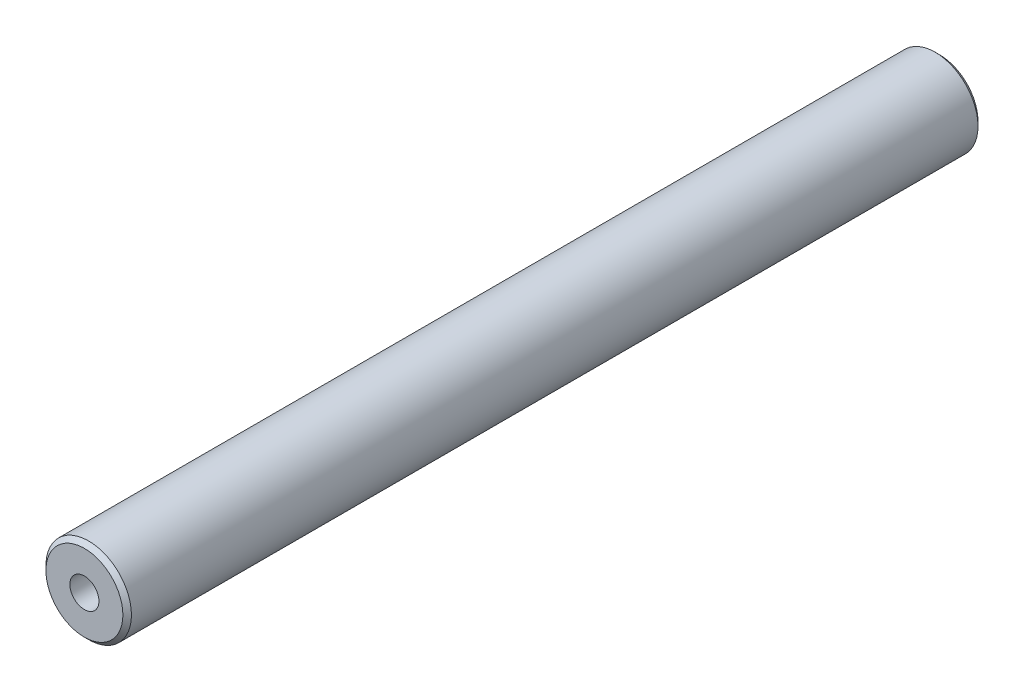
from build123d import *

# Parameters (mm, degrees)
SKETCH_1_R             = 10
EXTRUDE_1_DEPTH        = 200
HOLE_WIZARD_M8_1_D     = 6.8
HOLE_WIZARD_M8_1_DEPTH = 19.75
HOLE_WIZARD_M8_1_TIP   = 2.042926105
HOLE_WIZARD_M8_2_D     = 6.8
HOLE_WIZARD_M8_2_DEPTH = 19.75
HOLE_WIZARD_M8_2_TIP   = 2.042926105
CHAMFER_1_SIZE         = 1


with BuildPart() as part:
    # 草图1 → 凸台-拉伸1 (new body)
    with BuildSketch(Plane.XY):
        Circle(SKETCH_1_R)
    extrude(amount=EXTRUDE_1_DEPTH)

    # M8 螺纹孔1
    with Locations(Plane(origin=(0, 0, 0), x_dir=(-1, 0, 0), z_dir=(0, 0, -1))):
        with Locations((0, 0)):
            Hole(HOLE_WIZARD_M8_1_D / 2, depth=HOLE_WIZARD_M8_1_DEPTH)
            with Locations((0, 0, -(HOLE_WIZARD_M8_1_DEPTH + HOLE_WIZARD_M8_1_TIP / 2))):  # 118° drill point
                Cone(0, HOLE_WIZARD_M8_1_D / 2, HOLE_WIZARD_M8_1_TIP, mode=Mode.SUBTRACT)

    # M8 螺纹孔2
    with Locations(Plane.XY.offset(200)):
        with Locations((0, 0)):
            Hole(HOLE_WIZARD_M8_2_D / 2, depth=HOLE_WIZARD_M8_2_DEPTH)
            with Locations((0, 0, -(HOLE_WIZARD_M8_2_DEPTH + HOLE_WIZARD_M8_2_TIP / 2))):  # 118° drill point
                Cone(0, HOLE_WIZARD_M8_2_D / 2, HOLE_WIZARD_M8_2_TIP, mode=Mode.SUBTRACT)

    # 倒角1
    chamfer_1_edges = [part.edges().sort_by_distance(p)[0] for p in [
        (-10, 0, 0),
        (-10, 0, 200),
    ]]
    chamfer(chamfer_1_edges, length=CHAMFER_1_SIZE)


solid = part.part

Instructions to follow> Please set down the lines above word for word and leave out the pictures.

Solution to this task>
from build123d import *

# Parameters (mm, degrees)
SKETCH_1_R             = 10
EXTRUDE_1_DEPTH        = 200
HOLE_WIZARD_M8_1_D     = 6.8
HOLE_WIZARD_M8_1_DEPTH = 19.75
HOLE_WIZARD_M8_1_TIP   = 2.042926105
HOLE_WIZARD_M8_2_D     = 6.8
HOLE_WIZARD_M8_2_DEPTH = 19.75
HOLE_WIZARD_M8_2_TIP   = 2.042926105
CHAMFER_1_SIZE         = 1


with BuildPart() as part:
    # 草图1 → 凸台-拉伸1 (new body)
    with BuildSketch(Plane.XY):
        Circle(SKETCH_1_R)
    extrude(amount=EXTRUDE_1_DEPTH)

    # M8 螺纹孔1
    with Locations(Plane(origin=(0, 0, 0), x_dir=(-1, 0, 0), z_dir=(0, 0, -1))):
        with Locations((0, 0)):
            Hole(HOLE_WIZARD_M8_1_D / 2, depth=HOLE_WIZARD_M8_1_DEPTH)
            with Locations((0, 0, -(HOLE_WIZARD_M8_1_DEPTH + HOLE_WIZARD_M8_1_TIP / 2))):  # 118° drill point
                Cone(0, HOLE_WIZARD_M8_1_D / 2, HOLE_WIZARD_M8_1_TIP, mode=Mode.SUBTRACT)

    # M8 螺纹孔2
    with Locations(Plane.XY.offset(200)):
        with Locations((0, 0)):
            Hole(HOLE_WIZARD_M8_2_D / 2, depth=HOLE_WIZARD_M8_2_DEPTH)
            with Locations((0, 0, -(HOLE_WIZARD_M8_2_DEPTH + HOLE_WIZARD_M8_2_TIP / 2))):  # 118° drill point
                Cone(0, HOLE_WIZARD_M8_2_D / 2, HOLE_WIZARD_M8_2_TIP, mode=Mode.SUBTRACT)

    # 倒角1
    chamfer_1_edges = [part.edges().sort_by_distance(p)[0] for p in [
        (-10, 0, 0),
        (-10, 0, 200),
    ]]
    chamfer(chamfer_1_edges, length=CHAMFER_1_SIZE)


solid = part.part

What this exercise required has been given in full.